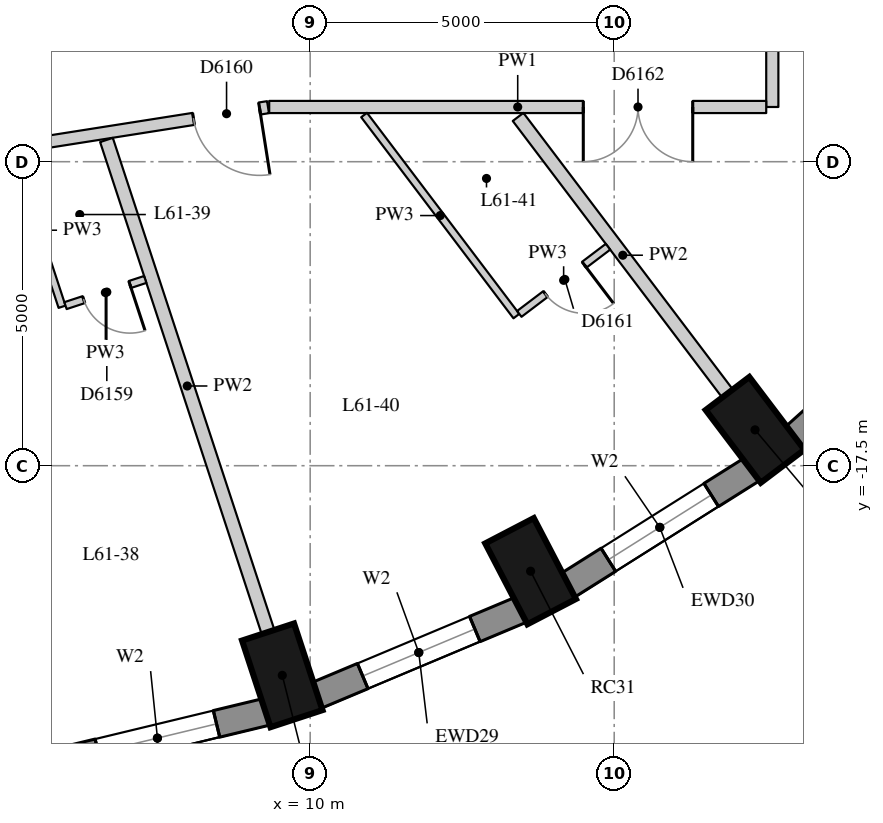
"""IFC4 building model, lengths in metres.
Left out: names, types, materials, properties, quantities, classifications, styles, units other than length and angle.
Written with IfcOpenShell. Run it as: python <this file> out.ifc"""

import sys

from ifc_helpers import new_model, si_unit, direction, frame, frame_2d, origin, origin_2d, place, context, subcontext, project, spatial, rectangle, extrude, element, fill, save


model = new_model("IFC4")
c1 = context("Model", 3, precision=1e-05, world=origin(), true_north=direction((0.0, 1.0)))
c2 = subcontext(c1, "Body", "Model", "MODEL_VIEW")
j1 = project(units=[si_unit("LENGTHUNIT", "METRE"), si_unit("PLANEANGLEUNIT", "RADIAN")], contexts=[c1])
p1 = place(None, origin())
s1 = spatial("IfcSite", under=j1, at=p1, CompositionType="ELEMENT")
p2 = place(p1, origin())
s2 = spatial("IfcBuilding", under=s1, at=p2, CompositionType="ELEMENT")
p3 = place(p2, frame((0.0, 0.0, 215.6)))
s3 = spatial("IfcBuildingStorey", under=s2, at=p3, CompositionType="ELEMENT", Elevation=215.6)
for number, where, z_axis, x_axis in (
    (1, (9.541, -20.948, 0.0), (0.0, 0.0, 1.0), (0.312, -0.95, 0.0)),
    (2, (13.625, -19.235, 0.0), (0.0, 0.0, 1.0), (0.462, -0.887, 0.0)),
    (3, (17.316, -16.911, 0.0), (0.0, 0.0, 1.0), (0.604, -0.797, 0.0)),
):
    element("IfcColumn", number, at=place(p3, frame(where, z_axis=z_axis, x_axis=x_axis)), inside=s3, PredefinedType="COLUMN", context=c2, shape_type="SweptSolid", body=[
        extrude(rectangle(XDim=1.5, YDim=0.9, at=origin_2d()), origin(), (0.0, 0.0, 1.0), 3.3),
    ])
p4 = place(p3, frame((5.691, -22.414, 0.0), z_axis=(0.0, 0.0, 1.0), x_axis=(0.9721584944, 0.234324266275, 0.0)))
e4 = element("IfcWall", 4, at=p4, inside=s3, PredefinedType="SOLIDWALL", context=c2, shape_type="SweptSolid", body=[
    extrude(rectangle(XDim=3.698, YDim=0.45, at=frame_2d((1.849, 0.0))), origin(), (0.0, 0.0, 1.0), 3.02),
])
p5 = place(p4, frame((0.849, 0.0, 0.4)))
e5 = element("IfcOpeningElement", 5, at=p5, cuts=e4, PredefinedType="OPENING", context=c2, shape_type="SweptSolid", body=[
    extrude(rectangle(XDim=2.0, YDim=1.75, at=frame_2d((1.0, 0.875))), frame((0.0, 0.235, 0.0), z_axis=(0.0, -1.0, 0.0), x_axis=(1.0, 0.0, 0.0)), (0.0, 0.0, 1.0), 0.47),
])
p6 = place(p3, frame((10.103, -21.279, 0.0), z_axis=(0.0, 0.0, 1.0), x_axis=(0.922168222612, 0.386789050006, 0.0)))
e6 = element("IfcWall", 6, at=p6, inside=s3, PredefinedType="SOLIDWALL", context=c2, shape_type="SweptSolid", body=[
    extrude(rectangle(XDim=3.651, YDim=0.45, at=frame_2d((1.825, 0.0))), origin(), (0.0, 0.0, 1.0), 3.02),
])
p7 = place(p6, frame((0.825, 0.0, 0.4)))
e7 = element("IfcOpeningElement", 7, at=p7, cuts=e6, PredefinedType="OPENING", context=c2, shape_type="SweptSolid", body=[
    extrude(rectangle(XDim=2.0, YDim=1.75, at=frame_2d((1.0, 0.875))), frame((0.0, 0.235, 0.0), z_axis=(0.0, -1.0, 0.0), x_axis=(1.0, 0.0, 0.0)), (0.0, 0.0, 1.0), 0.47),
])
p8 = place(p3, frame((14.232, -19.47, 0.0), z_axis=(0.0, 0.0, 1.0), x_axis=(0.84614984472, 0.532945063098, 0.0)))
e8 = element("IfcWall", 8, at=p8, inside=s3, PredefinedType="SOLIDWALL", context=c2, shape_type="SweptSolid", body=[
    extrude(rectangle(XDim=3.586, YDim=0.45, at=frame_2d((1.793, 0.0))), origin(), (0.0, 0.0, 1.0), 3.02),
])
p9 = place(p8, frame((0.793, 0.0, 0.4)))
e9 = element("IfcOpeningElement", 9, at=p9, cuts=e8, PredefinedType="OPENING", context=c2, shape_type="SweptSolid", body=[
    extrude(rectangle(XDim=2.0, YDim=1.75, at=frame_2d((1.0, 0.875))), frame((0.0, 0.235, 0.0), z_axis=(0.0, -1.0, 0.0), x_axis=(1.0, 0.0, 0.0)), (0.0, 0.0, 1.0), 0.47),
])
p10 = place(p3, frame((17.953, -17.04, 0.0), z_axis=(0.0, 0.0, 1.0), x_axis=(0.743442727602, 0.668799604348, 0.0)))
e10 = element("IfcWall", 10, at=p10, inside=s3, PredefinedType="SOLIDWALL", context=c2, shape_type="SweptSolid", body=[
    extrude(rectangle(XDim=3.513, YDim=0.45, at=frame_2d((1.756, 0.0))), origin(), (0.0, 0.0, 1.0), 3.02),
])
p11 = place(p3, frame((17.6, -3.8, 0.0), z_axis=(0.0, 0.0, 1.0), x_axis=(0.0, -1.0, 0.0)))
e11 = element("IfcWall", 11, at=p11, inside=s3, PredefinedType="PARTITIONING", context=c2, shape_type="SweptSolid", body=[
    extrude(rectangle(XDim=7.8, YDim=0.2, at=frame_2d((3.9, 0.0))), origin(), (0.0, 0.0, 1.0), 3.02),
])
p12 = place(p3, frame((17.5, -11.6, 0.0), z_axis=(0.0, 0.0, 1.0), x_axis=(-1.0, 0.0, 0.0)))
e12 = element("IfcWall", 12, at=p12, inside=s3, PredefinedType="PARTITIONING", context=c2, shape_type="SweptSolid", body=[
    extrude(rectangle(XDim=8.174, YDim=0.2, at=frame_2d((4.087, 0.0))), origin(), (0.0, 0.0, 1.0), 3.02),
])
p13 = place(p12, frame((1.208, 0.0, 0.0)))
e13 = element("IfcOpeningElement", 13, at=p13, cuts=e12, PredefinedType="OPENING", context=c2, shape_type="SweptSolid", body=[
    extrude(rectangle(XDim=1.8, YDim=2.1, at=frame_2d((0.9, 1.05))), frame((0.0, 0.11, 0.0), z_axis=(0.0, -1.0, 0.0), x_axis=(1.0, 0.0, 0.0)), (0.0, 0.0, 1.0), 0.22),
])
p14 = place(p3, frame((9.306, -11.603, 0.0), z_axis=(0.0, 0.0, 1.0), x_axis=(-0.987842562114, -0.155457622769, 0.0)))
e14 = element("IfcWall", 14, at=p14, inside=s3, PredefinedType="PARTITIONING", context=c2, shape_type="SweptSolid", body=[
    extrude(rectangle(XDim=11.893, YDim=0.2, at=frame_2d((5.947, 0.0))), origin(), (0.0, 0.0, 1.0), 3.02),
])
p15 = place(p14, frame((10.607, 0.0, 0.0)))
e15 = element("IfcOpeningElement", 15, at=p15, cuts=e14, PredefinedType="OPENING", context=c2, shape_type="SweptSolid", body=[
    extrude(rectangle(XDim=0.9, YDim=2.1, at=frame_2d((0.45, 1.05))), frame((0.0, 0.11, 0.0), z_axis=(0.0, -1.0, 0.0), x_axis=(1.0, 0.0, 0.0)), (0.0, 0.0, 1.0), 0.22),
])
p16 = place(p14, frame((5.829, 0.0, 0.0)))
e16 = element("IfcOpeningElement", 16, at=p16, cuts=e14, PredefinedType="OPENING", context=c2, shape_type="SweptSolid", body=[
    extrude(rectangle(XDim=0.9, YDim=2.1, at=frame_2d((0.45, 1.05))), frame((0.0, 0.11, 0.0), z_axis=(0.0, -1.0, 0.0), x_axis=(1.0, 0.0, 0.0)), (0.0, 0.0, 1.0), 0.22),
])
p17 = place(p14, frame((4.669, 0.0, 0.0)))
e17 = element("IfcOpeningElement", 17, at=p17, cuts=e14, PredefinedType="OPENING", context=c2, shape_type="SweptSolid", body=[
    extrude(rectangle(XDim=0.9, YDim=2.1, at=frame_2d((0.45, 1.05))), frame((0.0, 0.11, 0.0), z_axis=(0.0, -1.0, 0.0), x_axis=(1.0, 0.0, 0.0)), (0.0, 0.0, 1.0), 0.22),
])
p18 = place(p14, frame((0.14, 0.0, 0.0)))
e18 = element("IfcOpeningElement", 18, at=p18, cuts=e14, PredefinedType="OPENING", context=c2, shape_type="SweptSolid", body=[
    extrude(rectangle(XDim=1.1, YDim=2.1, at=frame_2d((0.55, 1.05))), frame((0.0, 0.11, 0.0), z_axis=(0.0, -1.0, 0.0), x_axis=(1.0, 0.0, 0.0)), (0.0, 0.0, 1.0), 0.22),
])
p19 = place(p3, frame((9.307, -20.235, 0.0), z_axis=(0.0, 0.0, 1.0), x_axis=(-0.311959631661, 0.950095357432, 0.0)))
e19 = element("IfcWall", 19, at=p19, inside=s3, PredefinedType="PARTITIONING", context=c2, shape_type="SweptSolid", body=[
    extrude(rectangle(XDim=8.518, YDim=0.22, at=frame_2d((4.259, 0.0))), origin(), (0.0, 0.0, 1.0), 3.02),
])
p20 = place(p3, frame((16.863, -16.312, 0.0), z_axis=(0.0, 0.0, 1.0), x_axis=(-0.603636051313, 0.797260006243, 0.0)))
e20 = element("IfcWall", 20, at=p20, inside=s3, PredefinedType="PARTITIONING", context=c2, shape_type="SweptSolid", body=[
    extrude(rectangle(XDim=5.706, YDim=0.22, at=frame_2d((2.853, 0.0))), origin(), (0.0, 0.0, 1.0), 3.02),
])
p21 = place(p3, frame((5.092, -12.368, 0.0), z_axis=(0.0, 0.0, 1.0), x_axis=(0.311969203188, -0.95009221461, 0.0)))
e21 = element("IfcWall", 21, at=p21, inside=s3, PredefinedType="PARTITIONING", context=c2, shape_type="SweptSolid", body=[
    extrude(rectangle(XDim=2.651, YDim=0.12, at=frame_2d((1.325, 0.0))), origin(), (0.0, 0.0, 1.0), 3.02),
])
p22 = place(p3, frame((10.887, -11.732, 0.0), z_axis=(0.0, 0.0, 1.0), x_axis=(0.603646932038, -0.797251767913, 0.0)))
e22 = element("IfcWall", 22, at=p22, inside=s3, PredefinedType="PARTITIONING", context=c2, shape_type="SweptSolid", body=[
    extrude(rectangle(XDim=4.149, YDim=0.12, at=frame_2d((2.074, 0.0))), origin(), (0.0, 0.0, 1.0), 3.02),
])
p23 = place(p3, frame((5.976, -14.867, 0.0), z_axis=(0.0, 0.0, 1.0), x_axis=(0.950123887932, 0.311872726573, 0.0)))
e23 = element("IfcWall", 23, at=p23, inside=s3, PredefinedType="PARTITIONING", context=c2, shape_type="SweptSolid", body=[
    extrude(rectangle(XDim=1.38, YDim=0.12, at=frame_2d((0.69, 0.0))), origin(), (0.0, 0.0, 1.0), 3.02),
])
p24 = place(p23, frame((0.315, 0.0, 0.0)))
e24 = element("IfcOpeningElement", 24, at=p24, cuts=e23, PredefinedType="OPENING", context=c2, shape_type="SweptSolid", body=[
    extrude(rectangle(XDim=0.8, YDim=2.1, at=frame_2d((0.4, 1.05))), frame((0.0, 0.07, 0.0), z_axis=(0.0, -1.0, 0.0), x_axis=(1.0, 0.0, 0.0)), (0.0, 0.0, 1.0), 0.14),
])
p25 = place(p3, frame((13.439, -15.003, 0.0), z_axis=(0.0, 0.0, 1.0), x_axis=(0.797238062708, 0.603665032422, 0.0)))
e25 = element("IfcWall", 25, at=p25, inside=s3, PredefinedType="PARTITIONING", context=c2, shape_type="SweptSolid", body=[
    extrude(rectangle(XDim=1.83, YDim=0.12, at=frame_2d((0.915, 0.0))), origin(), (0.0, 0.0, 1.0), 3.02),
])
p26 = place(p25, frame((0.54, 0.0, 0.0)))
e26 = element("IfcOpeningElement", 26, at=p26, cuts=e25, PredefinedType="OPENING", context=c2, shape_type="SweptSolid", body=[
    extrude(rectangle(XDim=0.8, YDim=2.1, at=frame_2d((0.4, 1.05))), frame((0.0, 0.07, 0.0), z_axis=(0.0, -1.0, 0.0), x_axis=(1.0, 0.0, 0.0)), (0.0, 0.0, 1.0), 0.14),
])
p27 = place(p5, origin())
e27 = element("IfcWindow", 27, at=p27, inside=s3, PartitioningType="SINGLE_PANEL", PredefinedType="WINDOW", context=c2, shape_type="SweptSolid", body=[
    extrude(rectangle(XDim=2.0, YDim=1.75, at=frame_2d((1.0, 0.875))), frame((0.0, 0.035, 0.0), z_axis=(0.0, -1.0, 0.0), x_axis=(1.0, 0.0, 0.0)), (0.0, 0.0, 1.0), 0.06),
])
fill(e5, e27)
p28 = place(p7, origin())
e28 = element("IfcWindow", 28, at=p28, inside=s3, PartitioningType="SINGLE_PANEL", PredefinedType="WINDOW", context=c2, shape_type="SweptSolid", body=[
    extrude(rectangle(XDim=2.0, YDim=1.75, at=frame_2d((1.0, 0.875))), frame((0.0, 0.035, 0.0), z_axis=(0.0, -1.0, 0.0), x_axis=(1.0, 0.0, 0.0)), (0.0, 0.0, 1.0), 0.06),
])
fill(e7, e28)
p29 = place(p9, origin())
e29 = element("IfcWindow", 29, at=p29, inside=s3, PartitioningType="SINGLE_PANEL", PredefinedType="WINDOW", context=c2, shape_type="SweptSolid", body=[
    extrude(rectangle(XDim=2.0, YDim=1.75, at=frame_2d((1.0, 0.875))), frame((0.0, 0.035, 0.0), z_axis=(0.0, -1.0, 0.0), x_axis=(1.0, 0.0, 0.0)), (0.0, 0.0, 1.0), 0.06),
])
fill(e9, e29)
p30 = place(p24, origin())
e30 = element("IfcDoor", 30, at=p30, inside=s3, OperationType="SINGLE_SWING_LEFT", PredefinedType="DOOR", context=c2, shape_type="SweptSolid", body=[
    extrude(rectangle(XDim=0.8, YDim=2.1, at=frame_2d((0.4, 1.05))), frame((0.0, 0.025, 0.0), z_axis=(0.0, -1.0, 0.0), x_axis=(1.0, 0.0, 0.0)), (0.0, 0.0, 1.0), 0.05),
])
fill(e24, e30)
p31 = place(p18, origin())
e31 = element("IfcDoor", 31, at=p31, inside=s3, OperationType="SINGLE_SWING_LEFT", PredefinedType="DOOR", context=c2, shape_type="SweptSolid", body=[
    extrude(rectangle(XDim=1.1, YDim=2.1, at=frame_2d((0.55, 1.05))), frame((0.0, 0.025, 0.0), z_axis=(0.0, -1.0, 0.0), x_axis=(1.0, 0.0, 0.0)), (0.0, 0.0, 1.0), 0.05),
])
fill(e18, e31)
p32 = place(p26, origin())
e32 = element("IfcDoor", 32, at=p32, inside=s3, OperationType="SINGLE_SWING_LEFT", PredefinedType="DOOR", context=c2, shape_type="SweptSolid", body=[
    extrude(rectangle(XDim=0.8, YDim=2.1, at=frame_2d((0.4, 1.05))), frame((0.0, 0.025, 0.0), z_axis=(0.0, -1.0, 0.0), x_axis=(1.0, 0.0, 0.0)), (0.0, 0.0, 1.0), 0.05),
])
fill(e26, e32)
p33 = place(p13, origin())
e33 = element("IfcDoor", 33, at=p33, inside=s3, OperationType="DOUBLE_DOOR_SINGLE_SWING", PredefinedType="DOOR", context=c2, shape_type="SweptSolid", body=[
    extrude(rectangle(XDim=1.8, YDim=2.1, at=frame_2d((0.9, 1.05))), frame((0.0, 0.025, 0.0), z_axis=(0.0, -1.0, 0.0), x_axis=(1.0, 0.0, 0.0)), (0.0, 0.0, 1.0), 0.05),
])
fill(e13, e33)
save(model, sys.argv[1])

• INSTRUCTIONS FOR THE TASK: Report every line of the records that contains the word "units".

• THE COMPLETED TASK:
Left out: names, types, materials, properties, quantities, classifications, styles, units other than length and angle.
j1 = project(units=[si_unit("LENGTHUNIT", "METRE"), si_unit("PLANEANGLEUNIT", "RADIAN")], contexts=[c1])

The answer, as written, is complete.